ASSIGNMENT: Your answer should consist of the lines holding "where", copied from the material below.
THE RECORDS START
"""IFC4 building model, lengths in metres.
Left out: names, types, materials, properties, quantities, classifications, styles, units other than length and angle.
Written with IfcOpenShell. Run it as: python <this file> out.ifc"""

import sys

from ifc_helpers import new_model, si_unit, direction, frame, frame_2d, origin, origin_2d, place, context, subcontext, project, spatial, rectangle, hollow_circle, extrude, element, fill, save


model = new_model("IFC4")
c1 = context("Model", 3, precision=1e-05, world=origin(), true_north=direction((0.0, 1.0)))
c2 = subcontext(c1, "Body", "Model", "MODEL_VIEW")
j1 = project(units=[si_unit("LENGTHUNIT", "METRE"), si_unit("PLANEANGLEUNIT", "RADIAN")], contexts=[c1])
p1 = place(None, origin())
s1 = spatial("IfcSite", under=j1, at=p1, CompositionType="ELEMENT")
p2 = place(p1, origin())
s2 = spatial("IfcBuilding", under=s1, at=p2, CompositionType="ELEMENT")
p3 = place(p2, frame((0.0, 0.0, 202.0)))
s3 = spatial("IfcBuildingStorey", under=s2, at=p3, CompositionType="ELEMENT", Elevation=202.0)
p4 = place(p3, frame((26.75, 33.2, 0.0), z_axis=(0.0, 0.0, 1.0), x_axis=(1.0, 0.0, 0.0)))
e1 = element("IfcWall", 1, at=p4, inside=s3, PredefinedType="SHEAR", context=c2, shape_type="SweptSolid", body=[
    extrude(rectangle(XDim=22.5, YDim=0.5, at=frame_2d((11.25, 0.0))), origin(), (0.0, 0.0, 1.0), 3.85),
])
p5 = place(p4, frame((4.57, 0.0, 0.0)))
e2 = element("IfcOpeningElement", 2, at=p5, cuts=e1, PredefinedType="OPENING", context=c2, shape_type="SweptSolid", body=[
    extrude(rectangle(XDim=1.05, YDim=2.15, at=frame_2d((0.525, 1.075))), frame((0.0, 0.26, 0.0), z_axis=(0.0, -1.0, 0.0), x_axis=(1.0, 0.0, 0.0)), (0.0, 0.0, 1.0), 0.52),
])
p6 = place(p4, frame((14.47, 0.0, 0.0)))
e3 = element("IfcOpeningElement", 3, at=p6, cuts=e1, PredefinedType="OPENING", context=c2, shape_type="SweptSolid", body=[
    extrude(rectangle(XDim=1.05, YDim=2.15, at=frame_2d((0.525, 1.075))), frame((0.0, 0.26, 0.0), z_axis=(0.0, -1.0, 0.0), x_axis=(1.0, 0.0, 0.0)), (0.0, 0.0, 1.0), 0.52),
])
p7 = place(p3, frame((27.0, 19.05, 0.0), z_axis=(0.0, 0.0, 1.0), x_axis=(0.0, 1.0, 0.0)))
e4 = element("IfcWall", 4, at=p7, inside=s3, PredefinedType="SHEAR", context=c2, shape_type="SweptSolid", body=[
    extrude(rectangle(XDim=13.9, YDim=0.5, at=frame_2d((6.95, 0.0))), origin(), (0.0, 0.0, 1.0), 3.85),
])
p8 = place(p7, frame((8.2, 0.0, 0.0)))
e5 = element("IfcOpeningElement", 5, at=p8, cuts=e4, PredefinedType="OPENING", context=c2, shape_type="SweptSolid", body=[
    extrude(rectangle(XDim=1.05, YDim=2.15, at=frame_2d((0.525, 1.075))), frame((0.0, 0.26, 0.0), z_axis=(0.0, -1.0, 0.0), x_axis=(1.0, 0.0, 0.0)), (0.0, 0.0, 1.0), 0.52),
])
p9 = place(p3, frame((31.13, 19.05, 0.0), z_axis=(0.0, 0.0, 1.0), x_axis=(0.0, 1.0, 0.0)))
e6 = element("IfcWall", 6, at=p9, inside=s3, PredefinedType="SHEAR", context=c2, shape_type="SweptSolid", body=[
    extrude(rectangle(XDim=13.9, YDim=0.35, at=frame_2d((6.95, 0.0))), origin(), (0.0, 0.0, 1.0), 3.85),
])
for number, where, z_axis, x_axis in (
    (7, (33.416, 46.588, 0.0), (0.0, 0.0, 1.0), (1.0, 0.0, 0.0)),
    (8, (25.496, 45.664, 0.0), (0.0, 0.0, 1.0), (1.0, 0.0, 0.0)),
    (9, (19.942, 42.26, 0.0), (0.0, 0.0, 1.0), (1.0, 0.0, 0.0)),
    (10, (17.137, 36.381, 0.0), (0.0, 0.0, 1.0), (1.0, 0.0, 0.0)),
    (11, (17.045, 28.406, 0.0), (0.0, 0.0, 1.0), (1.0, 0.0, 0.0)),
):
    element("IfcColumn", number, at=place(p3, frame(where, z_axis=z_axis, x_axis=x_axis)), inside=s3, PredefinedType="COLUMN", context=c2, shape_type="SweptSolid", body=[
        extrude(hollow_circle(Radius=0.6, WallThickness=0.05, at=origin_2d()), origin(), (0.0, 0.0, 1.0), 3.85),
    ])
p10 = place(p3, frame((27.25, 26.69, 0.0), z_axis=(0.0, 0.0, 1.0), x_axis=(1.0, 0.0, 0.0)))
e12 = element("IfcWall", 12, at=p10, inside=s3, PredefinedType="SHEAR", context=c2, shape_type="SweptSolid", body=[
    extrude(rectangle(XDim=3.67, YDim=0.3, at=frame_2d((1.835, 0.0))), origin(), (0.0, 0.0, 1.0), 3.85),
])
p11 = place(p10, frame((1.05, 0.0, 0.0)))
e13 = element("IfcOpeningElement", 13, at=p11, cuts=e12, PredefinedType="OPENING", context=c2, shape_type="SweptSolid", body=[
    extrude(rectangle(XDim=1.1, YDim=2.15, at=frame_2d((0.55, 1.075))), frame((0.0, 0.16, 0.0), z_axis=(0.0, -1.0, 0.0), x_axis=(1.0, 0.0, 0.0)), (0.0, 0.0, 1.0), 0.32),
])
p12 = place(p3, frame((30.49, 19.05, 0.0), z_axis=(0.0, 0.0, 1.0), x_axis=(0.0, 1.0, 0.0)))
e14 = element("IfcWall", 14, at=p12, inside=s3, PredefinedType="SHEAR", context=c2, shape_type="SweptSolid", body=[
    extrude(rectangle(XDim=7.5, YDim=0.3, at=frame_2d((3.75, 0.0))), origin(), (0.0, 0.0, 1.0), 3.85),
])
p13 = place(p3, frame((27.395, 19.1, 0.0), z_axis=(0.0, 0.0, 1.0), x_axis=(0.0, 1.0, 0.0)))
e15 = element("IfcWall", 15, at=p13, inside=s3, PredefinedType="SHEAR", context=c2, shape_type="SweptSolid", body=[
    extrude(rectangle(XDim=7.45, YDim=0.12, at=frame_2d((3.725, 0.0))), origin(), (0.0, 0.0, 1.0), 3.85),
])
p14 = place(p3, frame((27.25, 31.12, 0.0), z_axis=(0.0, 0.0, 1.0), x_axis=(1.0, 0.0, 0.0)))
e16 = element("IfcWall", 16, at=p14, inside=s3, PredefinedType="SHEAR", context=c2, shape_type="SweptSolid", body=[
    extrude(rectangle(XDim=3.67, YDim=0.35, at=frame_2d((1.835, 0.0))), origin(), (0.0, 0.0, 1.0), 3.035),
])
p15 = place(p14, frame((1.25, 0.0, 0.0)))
THE RECORDS END
REPLY TO THE EXERCISE:
for number, where, z_axis, x_axis in (
    element("IfcColumn", number, at=place(p3, frame(where, z_axis=z_axis, x_axis=x_axis)), inside=s3, PredefinedType="COLUMN", context=c2, shape_type="SweptSolid", body=[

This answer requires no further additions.